Data extracted from a collection:
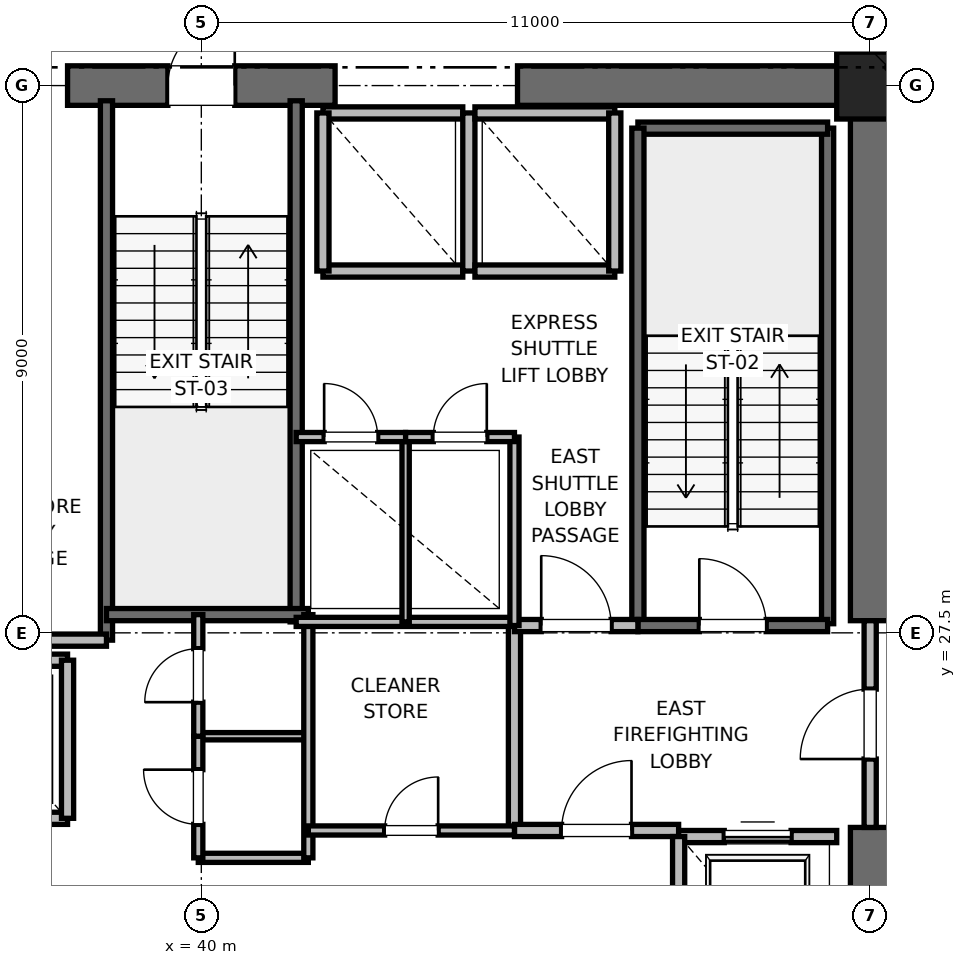
"""IFC4 building model, lengths in metres.
Left out: names, types, materials, properties, quantities, classifications, styles, units other than length and angle.
Written with IfcOpenShell. Run it as: python <this file> out.ifc"""

import sys

from ifc_helpers import new_model, si_unit, direction, frame, frame_2d, origin, origin_2d, place, context, subcontext, project, spatial, rectangle, extrude, element, fill, save


model = new_model("IFC4")
c1 = context("Model", 3, precision=1e-05, world=origin(), true_north=direction((0.0, 1.0)))
c2 = subcontext(c1, "Body", "Model", "MODEL_VIEW")
j1 = project(units=[si_unit("LENGTHUNIT", "METRE"), si_unit("PLANEANGLEUNIT", "RADIAN")], contexts=[c1])
p1 = place(None, origin())
s1 = spatial("IfcSite", under=j1, at=p1, CompositionType="ELEMENT")
p2 = place(p1, origin())
s2 = spatial("IfcBuilding", under=s1, at=p2, CompositionType="ELEMENT")
p3 = place(p2, frame((0.0, 0.0, 59.6)))
s3 = spatial("IfcBuildingStorey", under=s2, at=p3, CompositionType="ELEMENT", Elevation=59.6)
p4 = place(p3, frame((51.0, 36.5, 0.0), z_axis=(0.0, 0.0, 1.0), x_axis=(1.0, 0.0, 0.0)))
e1 = element("IfcColumn", 1, at=p4, inside=s3, PredefinedType="PILASTER", context=c2, shape_type="SweptSolid", body=[
    extrude(rectangle(XDim=1.1, YDim=1.1, at=origin_2d()), origin(), (0.0, 0.0, 1.0), 4.0),
])
p5 = place(p3, frame((37.8, 36.5, 0.0), z_axis=(0.0, 0.0, 1.0), x_axis=(1.0, 0.0, 0.0)))
e2 = element("IfcWall", 2, at=p5, inside=s3, PredefinedType="SHEAR", context=c2, shape_type="SweptSolid", body=[
    extrude(rectangle(XDim=4.4, YDim=0.65, at=frame_2d((2.2, 0.0))), origin(), (0.0, 0.0, 1.0), 3.76),
])
p6 = place(p5, frame((1.65, 0.0, 0.0)))
e3 = element("IfcOpeningElement", 3, at=p6, cuts=e2, PredefinedType="OPENING", context=c2, shape_type="SweptSolid", body=[
    extrude(rectangle(XDim=1.1, YDim=2.15, at=frame_2d((0.55, 1.075))), frame((0.0, 0.325, 0.0), z_axis=(0.0, -1.0, 0.0), x_axis=(1.0, 0.0, 0.0)), (0.0, 0.0, 1.0), 0.65),
])
for number, where, z_axis, x_axis in (
    (4, (45.2, 36.5, 0.0), (0.0, 0.0, 1.0), (1.0, 0.0, 0.0)),
    (5, (51.0, 18.5, 0.0), (0.0, 0.0, 1.0), (0.0, 1.0, 0.0)),
):
    element("IfcWall", number, at=place(p3, frame(where, z_axis=z_axis, x_axis=x_axis)), inside=s3, PredefinedType="SHEAR", context=c2, shape_type="SweptSolid", body=[
        extrude(rectangle(XDim=5.8, YDim=0.65, at=frame_2d((2.9, 0.0))), origin(), (0.0, 0.0, 1.0), 3.76),
    ])
p7 = place(p3, frame((51.0, 27.7, 0.0), z_axis=(0.0, 0.0, 1.0), x_axis=(0.0, 1.0, 0.0)))
e6 = element("IfcWall", 6, at=p7, inside=s3, PredefinedType="SHEAR", context=c2, shape_type="SweptSolid", body=[
    extrude(rectangle(XDim=8.8, YDim=0.65, at=frame_2d((4.4, 0.0))), origin(), (0.0, 0.0, 1.0), 3.76),
])
p8 = place(p3, frame((50.3, 27.65, 0.0), z_axis=(0.0, 0.0, 1.0), x_axis=(0.0, 1.0, 0.0)))
e7 = element("IfcWall", 7, at=p8, inside=s3, PredefinedType="SOLIDWALL", context=c2, shape_type="SweptSolid", body=[
    extrude(rectangle(XDim=8.15, YDim=0.2, at=frame_2d((4.075, 0.0))), origin(), (0.0, 0.0, 1.0), 3.76),
])
p9 = place(p3, frame((47.18, 35.8, 0.0), z_axis=(0.0, 0.0, 1.0), x_axis=(1.0, 0.0, 0.0)))
e8 = element("IfcWall", 8, at=p9, inside=s3, PredefinedType="SOLIDWALL", context=c2, shape_type="SweptSolid", body=[
    extrude(rectangle(XDim=3.12, YDim=0.2, at=frame_2d((1.56, 0.0))), origin(), (0.0, 0.0, 1.0), 3.76),
])
p10 = place(p3, frame((47.18, 27.62, 0.0), z_axis=(0.0, 0.0, 1.0), x_axis=(0.0, 1.0, 0.0)))
e9 = element("IfcWall", 9, at=p10, inside=s3, PredefinedType="SOLIDWALL", context=c2, shape_type="SweptSolid", body=[
    extrude(rectangle(XDim=8.18, YDim=0.2, at=frame_2d((4.09, 0.0))), origin(), (0.0, 0.0, 1.0), 3.76),
])
p11 = place(p3, frame((47.18, 27.62, 0.0), z_axis=(0.0, 0.0, 1.0), x_axis=(1.0, 0.0, 0.0)))
e10 = element("IfcWall", 10, at=p11, inside=s3, PredefinedType="SOLIDWALL", context=c2, shape_type="SweptSolid", body=[
    extrude(rectangle(XDim=3.12, YDim=0.2, at=frame_2d((1.56, 0.0))), origin(), (0.0, 0.0, 1.0), 3.76),
])
p12 = place(p11, frame((1.01, 0.0, 0.0)))
e11 = element("IfcOpeningElement", 11, at=p12, cuts=e10, PredefinedType="OPENING", context=c2, shape_type="SweptSolid", body=[
    extrude(rectangle(XDim=1.1, YDim=2.15, at=frame_2d((0.55, 1.075))), frame((0.0, 0.1, 0.0), z_axis=(0.0, -1.0, 0.0), x_axis=(1.0, 0.0, 0.0)), (0.0, 0.0, 1.0), 0.2),
])
p13 = place(p3, frame((38.44, 27.38, 0.0), z_axis=(0.0, 0.0, 1.0), x_axis=(0.0, 1.0, 0.0)))
e12 = element("IfcWall", 12, at=p13, inside=s3, PredefinedType="SOLIDWALL", context=c2, shape_type="SweptSolid", body=[
    extrude(rectangle(XDim=8.87, YDim=0.2, at=frame_2d((4.435, 0.0))), origin(), (0.0, 0.0, 1.0), 3.76),
])
p14 = place(p3, frame((41.56, 27.68, 0.0), z_axis=(0.0, 0.0, 1.0), x_axis=(0.0, 1.0, 0.0)))
e13 = element("IfcWall", 13, at=p14, inside=s3, PredefinedType="SOLIDWALL", context=c2, shape_type="SweptSolid", body=[
    extrude(rectangle(XDim=8.57, YDim=0.2, at=frame_2d((4.285, 0.0))), origin(), (0.0, 0.0, 1.0), 3.76),
])
p15 = place(p3, frame((38.44, 27.8, 0.0), z_axis=(0.0, 0.0, 1.0), x_axis=(1.0, 0.0, 0.0)))
e14 = element("IfcWall", 14, at=p15, inside=s3, PredefinedType="SOLIDWALL", context=c2, shape_type="SweptSolid", body=[
    extrude(rectangle(XDim=3.32, YDim=0.2, at=frame_2d((1.66, 0.0))), origin(), (0.0, 0.0, 1.0), 3.76),
])
p16 = place(p3, frame((32.82, 27.38, 0.0), z_axis=(0.0, 0.0, 1.0), x_axis=(1.0, 0.0, 0.0)))
e15 = element("IfcWall", 15, at=p16, inside=s3, PredefinedType="PARTITIONING", context=c2, shape_type="SweptSolid", body=[
    extrude(rectangle(XDim=5.62, YDim=0.2, at=frame_2d((2.81, 0.0))), origin(), (0.0, 0.0, 1.0), 3.76),
])
p17 = place(p3, frame((45.15, 24.25, 0.0), z_axis=(0.0, 0.0, 1.0), x_axis=(0.0, 1.0, 0.0)))
e16 = element("IfcWall", 16, at=p17, inside=s3, PredefinedType="PARTITIONING", context=c2, shape_type="SweptSolid", body=[
    extrude(rectangle(XDim=3.37, YDim=0.2, at=frame_2d((1.685, 0.0))), origin(), (0.0, 0.0, 1.0), 3.76),
])
p18 = place(p3, frame((45.15, 24.25, 0.0), z_axis=(0.0, 0.0, 1.0), x_axis=(1.0, 0.0, 0.0)))
e17 = element("IfcWall", 17, at=p18, inside=s3, PredefinedType="PARTITIONING", context=c2, shape_type="SweptSolid", body=[
    extrude(rectangle(XDim=2.7, YDim=0.2, at=frame_2d((1.35, 0.0))), origin(), (0.0, 0.0, 1.0), 3.76),
])
p19 = place(p18, frame((0.775, 0.0, 0.0)))
e18 = element("IfcOpeningElement", 18, at=p19, cuts=e17, PredefinedType="OPENING", context=c2, shape_type="SweptSolid", body=[
    extrude(rectangle(XDim=1.15, YDim=2.2, at=frame_2d((0.575, 1.1))), frame((0.0, 0.1, 0.0), z_axis=(0.0, -1.0, 0.0), x_axis=(1.0, 0.0, 0.0)), (0.0, 0.0, 1.0), 0.2),
])
p20 = place(p3, frame((45.15, 27.62, 0.0), z_axis=(0.0, 0.0, 1.0), x_axis=(1.0, 0.0, 0.0)))
e19 = element("IfcWall", 19, at=p20, inside=s3, PredefinedType="PARTITIONING", context=c2, shape_type="SweptSolid", body=[
    extrude(rectangle(XDim=2.03, YDim=0.2, at=frame_2d((1.015, 0.0))), origin(), (0.0, 0.0, 1.0), 3.76),
])
p21 = place(p20, frame((0.44, 0.0, 0.0)))
e20 = element("IfcOpeningElement", 20, at=p21, cuts=e19, PredefinedType="OPENING", context=c2, shape_type="SweptSolid", body=[
    extrude(rectangle(XDim=1.15, YDim=2.2, at=frame_2d((0.575, 1.1))), frame((0.0, 0.1, 0.0), z_axis=(0.0, -1.0, 0.0), x_axis=(1.0, 0.0, 0.0)), (0.0, 0.0, 1.0), 0.2),
])
p22 = place(p3, frame((51.0, 24.3, 0.0), z_axis=(0.0, 0.0, 1.0), x_axis=(0.0, 1.0, 0.0)))
e21 = element("IfcWall", 21, at=p22, inside=s3, PredefinedType="PARTITIONING", context=c2, shape_type="SweptSolid", body=[
    extrude(rectangle(XDim=3.4, YDim=0.2, at=frame_2d((1.7, 0.0))), origin(), (0.0, 0.0, 1.0), 2.54),
])
p23 = place(p22, frame((1.125, 0.0, 0.0)))
e22 = element("IfcOpeningElement", 22, at=p23, cuts=e21, PredefinedType="OPENING", context=c2, shape_type="SweptSolid", body=[
    extrude(rectangle(XDim=1.15, YDim=2.2, at=frame_2d((0.575, 1.1))), frame((0.0, 0.1, 0.0), z_axis=(0.0, -1.0, 0.0), x_axis=(1.0, 0.0, 0.0)), (0.0, 0.0, 1.0), 0.2),
])
p24 = place(p3, frame((50.45, 24.15, 0.0), z_axis=(0.0, 0.0, 1.0), x_axis=(-1.0, 0.0, 0.0)))
e23 = element("IfcWall", 23, at=p24, inside=s3, PredefinedType="SOLIDWALL", context=c2, shape_type="SweptSolid", body=[
    extrude(rectangle(XDim=2.6, YDim=0.2, at=frame_2d((1.3, 0.0))), origin(), (0.0, 0.0, 1.0), 2.54),
])
p25 = place(p24, frame((0.75, 0.0, 0.0)))
e24 = element("IfcOpeningElement", 24, at=p25, cuts=e23, PredefinedType="OPENING", context=c2, shape_type="SweptSolid", body=[
    extrude(rectangle(XDim=1.1, YDim=2.2, at=frame_2d((0.55, 1.1))), frame((0.0, 0.1, 0.0), z_axis=(0.0, -1.0, 0.0), x_axis=(1.0, 0.0, 0.0)), (0.0, 0.0, 1.0), 0.2),
])
p26 = place(p3, frame((47.85, 24.15, 0.0), z_axis=(0.0, 0.0, 1.0), x_axis=(0.0, -1.0, 0.0)))
e25 = element("IfcWall", 25, at=p26, inside=s3, PredefinedType="SOLIDWALL", context=c2, shape_type="SweptSolid", body=[
    extrude(rectangle(XDim=3.0, YDim=0.2, at=frame_2d((1.5, 0.0))), origin(), (0.0, 0.0, 1.0), 3.76),
])
p27 = place(p3, frame((35.5, 24.45, 0.0), z_axis=(0.0, 0.0, 1.0), x_axis=(1.0, 0.0, 0.0)))
e26 = element("IfcWall", 26, at=p27, inside=s3, PredefinedType="SOLIDWALL", context=c2, shape_type="SweptSolid", body=[
    extrude(rectangle(XDim=2.3, YDim=0.2, at=frame_2d((1.15, 0.0))), origin(), (0.0, 0.0, 1.0), 3.76),
])
p28 = place(p27, frame((0.6, 0.0, 0.0)))
e27 = element("IfcOpeningElement", 27, at=p28, cuts=e26, PredefinedType="OPENING", context=c2, shape_type="SweptSolid", body=[
    extrude(rectangle(XDim=1.1, YDim=2.2, at=frame_2d((0.55, 1.1))), frame((0.0, 0.1, 0.0), z_axis=(0.0, -1.0, 0.0), x_axis=(1.0, 0.0, 0.0)), (0.0, 0.0, 1.0), 0.2),
])
p29 = place(p3, frame((37.8, 27.05, 0.0), z_axis=(0.0, 0.0, 1.0), x_axis=(-1.0, 0.0, 0.0)))
e28 = element("IfcWall", 28, at=p29, inside=s3, PredefinedType="SOLIDWALL", context=c2, shape_type="SweptSolid", body=[
    extrude(rectangle(XDim=2.3, YDim=0.2, at=frame_2d((1.15, 0.0))), origin(), (0.0, 0.0, 1.0), 3.76),
])
p30 = place(p3, frame((37.8, 24.45, 0.0), z_axis=(0.0, 0.0, 1.0), x_axis=(0.0, 1.0, 0.0)))
e29 = element("IfcWall", 29, at=p30, inside=s3, PredefinedType="SOLIDWALL", context=c2, shape_type="SweptSolid", body=[
    extrude(rectangle(XDim=2.6, YDim=0.2, at=frame_2d((1.3, 0.0))), origin(), (0.0, 0.0, 1.0), 3.76),
])
p31 = place(p3, frame((42.0, 33.45, 0.0), z_axis=(0.0, 0.0, 1.0), x_axis=(1.0, 0.0, 0.0)))
e30 = element("IfcWall", 30, at=p31, inside=s3, PredefinedType="SOLIDWALL", context=c2, shape_type="SweptSolid", body=[
    extrude(rectangle(XDim=2.3, YDim=0.2, at=frame_2d((1.15, 0.0))), origin(), (0.0, 0.0, 1.0), 3.76),
])
p32 = place(p3, frame((44.3, 36.05, 0.0), z_axis=(0.0, 0.0, 1.0), x_axis=(-1.0, 0.0, 0.0)))
e31 = element("IfcWall", 31, at=p32, inside=s3, PredefinedType="SOLIDWALL", context=c2, shape_type="SweptSolid", body=[
    extrude(rectangle(XDim=2.3, YDim=0.2, at=frame_2d((1.15, 0.0))), origin(), (0.0, 0.0, 1.0), 2.54),
])
for number, where, z_axis, x_axis in (
    (32, (42.0, 36.05, 0.0), (0.0, 0.0, 1.0), (0.0, -1.0, 0.0)),
    (33, (44.4, 33.45, 0.0), (0.0, 0.0, 1.0), (0.0, 1.0, 0.0)),
):
    element("IfcWall", number, at=place(p3, frame(where, z_axis=z_axis, x_axis=x_axis)), inside=s3, PredefinedType="SOLIDWALL", context=c2, shape_type="SweptSolid", body=[
        extrude(rectangle(XDim=2.6, YDim=0.2, at=frame_2d((1.3, 0.0))), origin(), (0.0, 0.0, 1.0), 2.54),
    ])
p33 = place(p3, frame((44.5, 33.45, 0.0), z_axis=(0.0, 0.0, 1.0), x_axis=(1.0, 0.0, 0.0)))
e34 = element("IfcWall", 34, at=p33, inside=s3, PredefinedType="SOLIDWALL", context=c2, shape_type="SweptSolid", body=[
    extrude(rectangle(XDim=2.3, YDim=0.2, at=frame_2d((1.15, 0.0))), origin(), (0.0, 0.0, 1.0), 3.76),
])
p34 = place(p3, frame((46.8, 36.05, 0.0), z_axis=(0.0, 0.0, 1.0), x_axis=(-1.0, 0.0, 0.0)))
e35 = element("IfcWall", 35, at=p34, inside=s3, PredefinedType="SOLIDWALL", context=c2, shape_type="SweptSolid", body=[
    extrude(rectangle(XDim=2.3, YDim=0.2, at=frame_2d((1.15, 0.0))), origin(), (0.0, 0.0, 1.0), 2.54),
])
p35 = place(p3, frame((46.8, 33.45, 0.0), z_axis=(0.0, 0.0, 1.0), x_axis=(0.0, 1.0, 0.0)))
e36 = element("IfcWall", 36, at=p35, inside=s3, PredefinedType="SOLIDWALL", context=c2, shape_type="SweptSolid", body=[
    extrude(rectangle(XDim=2.6, YDim=0.2, at=frame_2d((1.3, 0.0))), origin(), (0.0, 0.0, 1.0), 3.76),
])
p36 = place(p3, frame((39.95, 23.8, 0.0), z_axis=(0.0, 0.0, 1.0), x_axis=(1.0, 0.0, 0.0)))
e37 = element("IfcWall", 37, at=p36, inside=s3, PredefinedType="PARTITIONING", context=c2, shape_type="SweptSolid", body=[
    extrude(rectangle(XDim=1.81, YDim=0.15, at=frame_2d((0.905, 0.0))), origin(), (0.0, 0.0, 1.0), 2.85),
])
p37 = place(p3, frame((39.95, 25.8, 0.0), z_axis=(0.0, 0.0, 1.0), x_axis=(1.0, 0.0, 0.0)))
e38 = element("IfcWall", 38, at=p37, inside=s3, PredefinedType="PARTITIONING", context=c2, shape_type="SweptSolid", body=[
    extrude(rectangle(XDim=1.81, YDim=0.12, at=frame_2d((0.905, 0.0))), origin(), (0.0, 0.0, 1.0), 2.85),
])
p38 = place(p3, frame((41.76, 23.8, 0.0), z_axis=(0.0, 0.0, 1.0), x_axis=(0.0, 1.0, 0.0)))
e39 = element("IfcWall", 39, at=p38, inside=s3, PredefinedType="PARTITIONING", context=c2, shape_type="SweptSolid", body=[
    extrude(rectangle(XDim=4.0, YDim=0.15, at=frame_2d((2.0, 0.0))), origin(), (0.0, 0.0, 1.0), 2.85),
])
p39 = place(p3, frame((39.95, 23.8, 0.0), z_axis=(0.0, 0.0, 1.0), x_axis=(0.0, 1.0, 0.0)))
e40 = element("IfcWall", 40, at=p39, inside=s3, PredefinedType="PARTITIONING", context=c2, shape_type="SweptSolid", body=[
    extrude(rectangle(XDim=2.0, YDim=0.15, at=frame_2d((1.0, 0.0))), origin(), (0.0, 0.0, 1.0), 2.85),
])
p40 = place(p39, frame((0.55, 0.0, 0.0)))
e41 = element("IfcOpeningElement", 41, at=p40, cuts=e40, PredefinedType="OPENING", context=c2, shape_type="SweptSolid", body=[
    extrude(rectangle(XDim=0.9, YDim=2.1, at=frame_2d((0.45, 1.05))), frame((0.0, 0.075, 0.0), z_axis=(0.0, -1.0, 0.0), x_axis=(1.0, 0.0, 0.0)), (0.0, 0.0, 1.0), 0.15),
])
p41 = place(p3, frame((39.95, 25.8, 0.0), z_axis=(0.0, 0.0, 1.0), x_axis=(0.0, 1.0, 0.0)))
e42 = element("IfcWall", 42, at=p41, inside=s3, PredefinedType="PARTITIONING", context=c2, shape_type="SweptSolid", body=[
    extrude(rectangle(XDim=2.0, YDim=0.15, at=frame_2d((1.0, 0.0))), origin(), (0.0, 0.0, 1.0), 2.85),
])
p42 = place(p41, frame((0.56, 0.0, 0.0)))
e43 = element("IfcOpeningElement", 43, at=p42, cuts=e42, PredefinedType="OPENING", context=c2, shape_type="SweptSolid", body=[
    extrude(rectangle(XDim=0.88, YDim=2.1, at=frame_2d((0.44, 1.05))), frame((0.0, 0.075, 0.0), z_axis=(0.0, -1.0, 0.0), x_axis=(1.0, 0.0, 0.0)), (0.0, 0.0, 1.0), 0.15),
])
p43 = place(p3, frame((41.56, 27.68, 0.0), z_axis=(0.0, 0.0, 1.0), x_axis=(1.0, 0.0, 0.0)))
e44 = element("IfcWall", 44, at=p43, inside=s3, PredefinedType="PARTITIONING", context=c2, shape_type="SweptSolid", body=[
    extrude(rectangle(XDim=3.59, YDim=0.15, at=frame_2d((1.795, 0.0))), origin(), (0.0, 0.0, 1.0), 2.85),
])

• _Exercise aim_: From the data above, report how many lines include the string "spatial". The number alone will do.

• _Written response_: 4